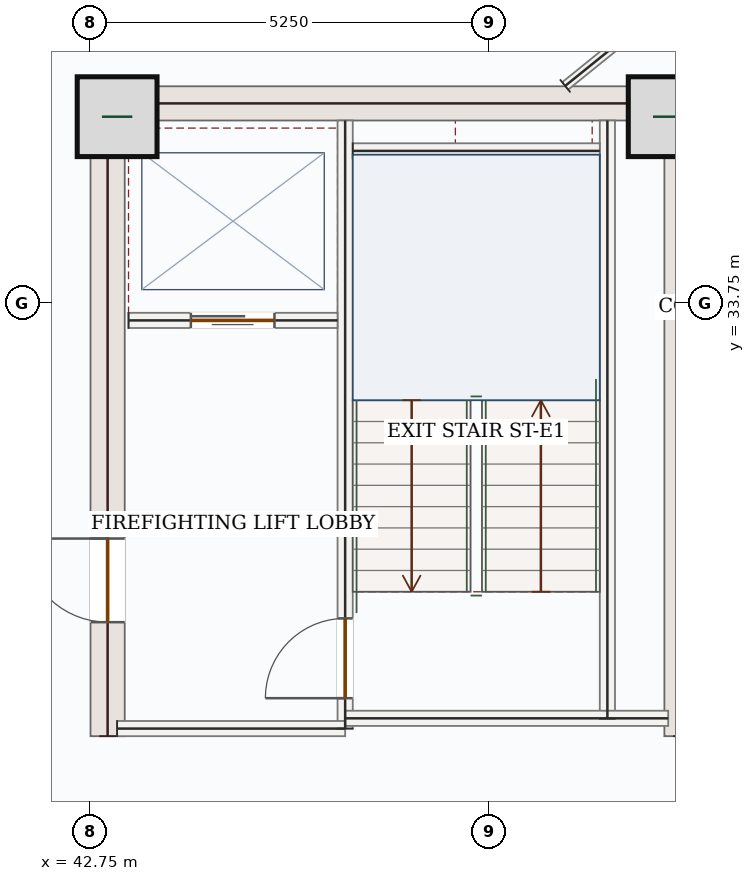
"""IFC4 building model, lengths in metres.
Left out: names, types, materials, properties, quantities, classifications, styles, units other than length and angle.
Written with IfcOpenShell. Run it as: python <this file> out.ifc"""

import sys

from ifc_helpers import new_model, si_unit, direction, frame, frame_2d, origin, origin_2d, place, context, subcontext, project, spatial, rectangle, extrude, source, transform, mapped, element, fill, save


model = new_model("IFC4")
c1 = context("Model", 3, precision=1e-05, world=origin(), true_north=direction((0.0, 1.0)))
c2 = subcontext(c1, "Body", "Model", "MODEL_VIEW")
j1 = project(units=[si_unit("LENGTHUNIT", "METRE"), si_unit("PLANEANGLEUNIT", "RADIAN")], contexts=[c1])
p1 = place(None, origin())
s1 = spatial("IfcSite", under=j1, at=p1, CompositionType="ELEMENT")
p2 = place(p1, origin())
s2 = spatial("IfcBuilding", under=s1, at=p2, CompositionType="ELEMENT")
p3 = place(p2, frame((0.0, 0.0, 287.85)))
s3 = spatial("IfcBuildingStorey", under=s2, at=p3, CompositionType="ELEMENT", Elevation=287.85)
p4 = place(p3, frame((42.975, 28.05, 0.0), z_axis=(0.0, 0.0, 1.0), x_axis=(0.0, 1.0, 0.0)))
e1 = element("IfcWall", 1, at=p4, inside=s3, PredefinedType="SHEAR", context=c2, shape_type="SweptSolid", body=[
    extrude(rectangle(XDim=8.55, YDim=0.45, at=frame_2d((4.275, 0.0))), origin(), (0.0, 0.0, 1.0), 3.5),
])
p5 = place(p4, frame((1.5, 0.0, 0.0)))
e2 = element("IfcOpeningElement", 2, at=p5, cuts=e1, PredefinedType="OPENING", context=c2, shape_type="SweptSolid", body=[
    extrude(rectangle(XDim=1.1, YDim=2.2, at=frame_2d((0.55, 1.1))), frame((0.0, 0.235, 0.0), z_axis=(0.0, -1.0, 0.0), x_axis=(1.0, 0.0, 0.0)), (0.0, 0.0, 1.0), 0.47),
])
m1 = source(origin(), c2, "Body", "SweptSolid", [
    extrude(rectangle(XDim=8.55, YDim=0.45, at=frame_2d((4.275, 0.0))), origin(), (0.0, 0.0, 1.0), 3.5),
])
p6 = place(p3, frame((50.525, 28.05, 0.0), z_axis=(0.0, 0.0, 1.0), x_axis=(0.0, 1.0, 0.0)))
e3 = element("IfcWall", 3, at=p6, inside=s3, PredefinedType="SHEAR", context=c2, shape_type="MappedRepresentation", body=[
    mapped(m1, transform((0.0, 0.0, 0.0), x_axis=(1.0, 0.0, 0.0), y_axis=(0.0, 1.0, 0.0), z_axis=(0.0, 0.0, 1.0), scale=1.0)),
])
m2 = source(origin(), c2, "Body", "SweptSolid", [
    extrude(rectangle(XDim=7.1, YDim=0.45, at=frame_2d((3.55, 0.0))), origin(), (0.0, 0.0, 1.0), 3.5),
])
p7 = place(p3, frame((43.2, 36.375, 0.0), z_axis=(0.0, 0.0, 1.0), x_axis=(1.0, 0.0, 0.0)))
e4 = element("IfcWall", 4, at=p7, inside=s3, PredefinedType="SHEAR", context=c2, shape_type="MappedRepresentation", body=[
    mapped(m2, transform((0.0, 0.0, 0.0), x_axis=(1.0, 0.0, 0.0), y_axis=(0.0, 1.0, 0.0), z_axis=(0.0, 0.0, 1.0), scale=1.0)),
])
m3 = source(origin(), c2, "Body", "SweptSolid", [
    extrude(rectangle(XDim=1.05, YDim=1.05, at=origin_2d()), origin(), (0.0, 0.0, 1.0), 3.75),
])
for number, where, z_axis, x_axis in (
    (5, (43.1, 36.2, 0.0), (0.0, 0.0, 1.0), (1.0, 0.0, 0.0)),
    (6, (50.35, 36.2, 0.0), (0.0, 0.0, 1.0), (1.0, 0.0, 0.0)),
):
    element("IfcColumn", number, at=place(p3, frame(where, z_axis=z_axis, x_axis=x_axis)), inside=s3, PredefinedType="COLUMN", context=c2, shape_type="MappedRepresentation", body=[
        mapped(m3, transform((0.0, 0.0, 0.0), x_axis=(1.0, 0.0, 0.0), y_axis=(0.0, 1.0, 0.0), z_axis=(0.0, 0.0, 1.0), scale=1.0)),
    ])
p8 = place(p3, frame((50.26, 38.342, 0.0), z_axis=(0.0, 0.0, 1.0), x_axis=(0.707106781187, -0.707106781187, 0.0)))
e7 = element("IfcWall", 7, at=p8, inside=s3, PredefinedType="SOLIDWALL", context=c2, shape_type="SweptSolid", body=[
    extrude(rectangle(XDim=3.96, YDim=0.28, at=frame_2d((1.98, 0.0))), origin(), (0.0, 0.0, 1.0), 3.5),
])
p9 = place(p8, frame((1.23, 0.0, 0.85)))
e8 = element("IfcOpeningElement", 8, at=p9, cuts=e7, PredefinedType="OPENING", context=c2, shape_type="SweptSolid", body=[
    extrude(rectangle(XDim=1.5, YDim=1.5, at=frame_2d((0.75, 0.75))), frame((0.0, 0.15, 0.0), z_axis=(0.0, -1.0, 0.0), x_axis=(1.0, 0.0, 0.0)), (0.0, 0.0, 1.0), 0.3),
])
m4 = source(origin(), c2, "Body", "SweptSolid", [
    extrude(rectangle(XDim=7.87, YDim=0.2, at=frame_2d((3.935, 0.0))), origin(), (0.0, 0.0, 1.0), 3.5),
])
p10 = place(p3, frame((49.55, 28.28, 0.0), z_axis=(0.0, 0.0, 1.0), x_axis=(0.0, 1.0, 0.0)))
e9 = element("IfcWall", 9, at=p10, inside=s3, PredefinedType="SOLIDWALL", context=c2, shape_type="MappedRepresentation", body=[
    mapped(m4, transform((0.0, 0.0, 0.0), x_axis=(1.0, 0.0, 0.0), y_axis=(0.0, 1.0, 0.0), z_axis=(0.0, 0.0, 1.0), scale=1.0)),
])
p11 = place(p3, frame((46.1, 28.15, 0.0), z_axis=(0.0, 0.0, 1.0), x_axis=(0.0, 1.0, 0.0)))
e10 = element("IfcWall", 10, at=p11, inside=s3, PredefinedType="SOLIDWALL", context=c2, shape_type="SweptSolid", body=[
    extrude(rectangle(XDim=8.0, YDim=0.2, at=frame_2d((4.0, 0.0))), origin(), (0.0, 0.0, 1.0), 3.5),
])
p12 = place(p11, frame((0.4, 0.0, 0.0)))
e11 = element("IfcOpeningElement", 11, at=p12, cuts=e10, PredefinedType="OPENING", context=c2, shape_type="SweptSolid", body=[
    extrude(rectangle(XDim=1.05, YDim=2.15, at=frame_2d((0.525, 1.075))), frame((0.0, 0.11, 0.0), z_axis=(0.0, -1.0, 0.0), x_axis=(1.0, 0.0, 0.0)), (0.0, 0.0, 1.0), 0.22),
])
m5 = source(origin(), c2, "Body", "SweptSolid", [
    extrude(rectangle(XDim=3.0, YDim=0.2, at=frame_2d((1.5, 0.0))), origin(), (0.0, 0.0, 1.0), 3.5),
])
p13 = place(p3, frame((43.1, 28.15, 0.0), z_axis=(0.0, 0.0, 1.0), x_axis=(1.0, 0.0, 0.0)))
e12 = element("IfcWall", 12, at=p13, inside=s3, PredefinedType="SOLIDWALL", context=c2, shape_type="MappedRepresentation", body=[
    mapped(m5, transform((0.0, 0.0, 0.0), x_axis=(1.0, 0.0, 0.0), y_axis=(0.0, 1.0, 0.0), z_axis=(0.0, 0.0, 1.0), scale=1.0)),
])
m6 = source(origin(), c2, "Body", "SweptSolid", [
    extrude(rectangle(XDim=4.25, YDim=0.2, at=frame_2d((2.125, 0.0))), origin(), (0.0, 0.0, 1.0), 3.5),
])
p14 = place(p3, frame((46.1, 28.285, 0.0), z_axis=(0.0, 0.0, 1.0), x_axis=(1.0, 0.0, 0.0)))
e13 = element("IfcWall", 13, at=p14, inside=s3, PredefinedType="SOLIDWALL", context=c2, shape_type="MappedRepresentation", body=[
    mapped(m6, transform((0.0, 0.0, 0.0), x_axis=(1.0, 0.0, 0.0), y_axis=(0.0, 1.0, 0.0), z_axis=(0.0, 0.0, 1.0), scale=1.0)),
])
m7 = source(origin(), c2, "Body", "SweptSolid", [
    extrude(rectangle(XDim=3.25, YDim=0.2, at=frame_2d((1.625, 0.0))), origin(), (0.0, 0.0, 1.0), 3.5),
])
p15 = place(p3, frame((46.2, 35.75, 0.0), z_axis=(0.0, 0.0, 1.0), x_axis=(1.0, 0.0, 0.0)))
e14 = element("IfcWall", 14, at=p15, inside=s3, PredefinedType="SOLIDWALL", context=c2, shape_type="MappedRepresentation", body=[
    mapped(m7, transform((0.0, 0.0, 0.0), x_axis=(1.0, 0.0, 0.0), y_axis=(0.0, 1.0, 0.0), z_axis=(0.0, 0.0, 1.0), scale=1.0)),
])
p16 = place(p3, frame((43.25, 33.52, 0.0), z_axis=(0.0, 0.0, 1.0), x_axis=(1.0, 0.0, 0.0)))
e15 = element("IfcWall", 15, at=p16, inside=s3, PredefinedType="SOLIDWALL", context=c2, shape_type="SweptSolid", body=[
    extrude(rectangle(XDim=2.75, YDim=0.2, at=frame_2d((1.375, 0.0))), origin(), (0.0, 0.0, 1.0), 3.5),
])
p17 = place(p16, frame((0.82, 0.0, 0.0)))
e16 = element("IfcOpeningElement", 16, at=p17, cuts=e15, PredefinedType="OPENING", context=c2, shape_type="SweptSolid", body=[
    extrude(rectangle(XDim=1.1, YDim=2.15, at=frame_2d((0.55, 1.075))), frame((0.0, 0.11, 0.0), z_axis=(0.0, -1.0, 0.0), x_axis=(1.0, 0.0, 0.0)), (0.0, 0.0, 1.0), 0.22),
])
m8 = source(origin(), c2, "Body", "SweptSolid", [
    extrude(rectangle(XDim=1.989, YDim=0.125, at=frame_2d((0.995, 0.0))), origin(), (0.0, 0.0, 1.0), 3.5),
])
p18 = place(p3, frame((48.995, 36.605, 0.0), z_axis=(0.0, 0.0, 1.0), x_axis=(0.778058853423, 0.628191388519, 0.0)))
e17 = element("IfcWall", 17, at=p18, inside=s3, PredefinedType="PARTITIONING", context=c2, shape_type="MappedRepresentation", body=[
    mapped(m8, transform((0.0, 0.0, 0.0), x_axis=(1.0, 0.0, 0.0), y_axis=(0.0, 1.0, 0.0), z_axis=(0.0, 0.0, 1.0), scale=1.0)),
])
m9 = source(origin(), c2, "Body", "SweptSolid", [
    extrude(rectangle(XDim=1.05, YDim=2.15, at=frame_2d((0.525, 1.075))), frame((0.0, 0.025, 0.0), z_axis=(0.0, -1.0, 0.0), x_axis=(1.0, 0.0, 0.0)), (0.0, 0.0, 1.0), 0.05),
])
p19 = place(p12, origin())
e18 = element("IfcDoor", 18, at=p19, inside=s3, OperationType="SINGLE_SWING_LEFT", PredefinedType="DOOR", context=c2, shape_type="MappedRepresentation", body=[
    mapped(m9, transform((0.0, 0.0, 0.0), x_axis=(1.0, 0.0, 0.0), y_axis=(0.0, 1.0, 0.0), z_axis=(0.0, 0.0, 1.0), scale=1.0)),
])
fill(e11, e18)
m10 = source(origin(), c2, "Body", "SweptSolid", [
    extrude(rectangle(XDim=1.1, YDim=2.15, at=frame_2d((0.55, 1.075))), frame((0.0, 0.025, 0.0), z_axis=(0.0, -1.0, 0.0), x_axis=(1.0, 0.0, 0.0)), (0.0, 0.0, 1.0), 0.05),
])
p20 = place(p17, origin())
e19 = element("IfcDoor", 19, at=p20, inside=s3, OperationType="DOUBLE_DOOR_SLIDING", PredefinedType="DOOR", context=c2, shape_type="MappedRepresentation", body=[
    mapped(m10, transform((0.0, 0.0, 0.0), x_axis=(1.0, 0.0, 0.0), y_axis=(0.0, 1.0, 0.0), z_axis=(0.0, 0.0, 1.0), scale=1.0)),
])
fill(e16, e19)
m11 = source(origin(), c2, "Body", "SweptSolid", [
    extrude(rectangle(XDim=1.1, YDim=2.2, at=frame_2d((0.55, 1.1))), frame((0.0, 0.025, 0.0), z_axis=(0.0, -1.0, 0.0), x_axis=(1.0, 0.0, 0.0)), (0.0, 0.0, 1.0), 0.05),
])
p21 = place(p5, origin())
e20 = element("IfcDoor", 20, at=p21, inside=s3, OperationType="SINGLE_SWING_RIGHT", PredefinedType="DOOR", context=c2, shape_type="MappedRepresentation", body=[
    mapped(m11, transform((0.0, 0.0, 0.0), x_axis=(1.0, 0.0, 0.0), y_axis=(0.0, 1.0, 0.0), z_axis=(0.0, 0.0, 1.0), scale=1.0)),
])
fill(e2, e20)
save(model, sys.argv[1])

PROBLEM STATEMENT
Would you please return all lines of the data that include the word "number"?

RESPONSE TO THIS EXERCISE
for number, where, z_axis, x_axis in (
    element("IfcColumn", number, at=place(p3, frame(where, z_axis=z_axis, x_axis=x_axis)), inside=s3, PredefinedType="COLUMN", context=c2, shape_type="MappedRepresentation", body=[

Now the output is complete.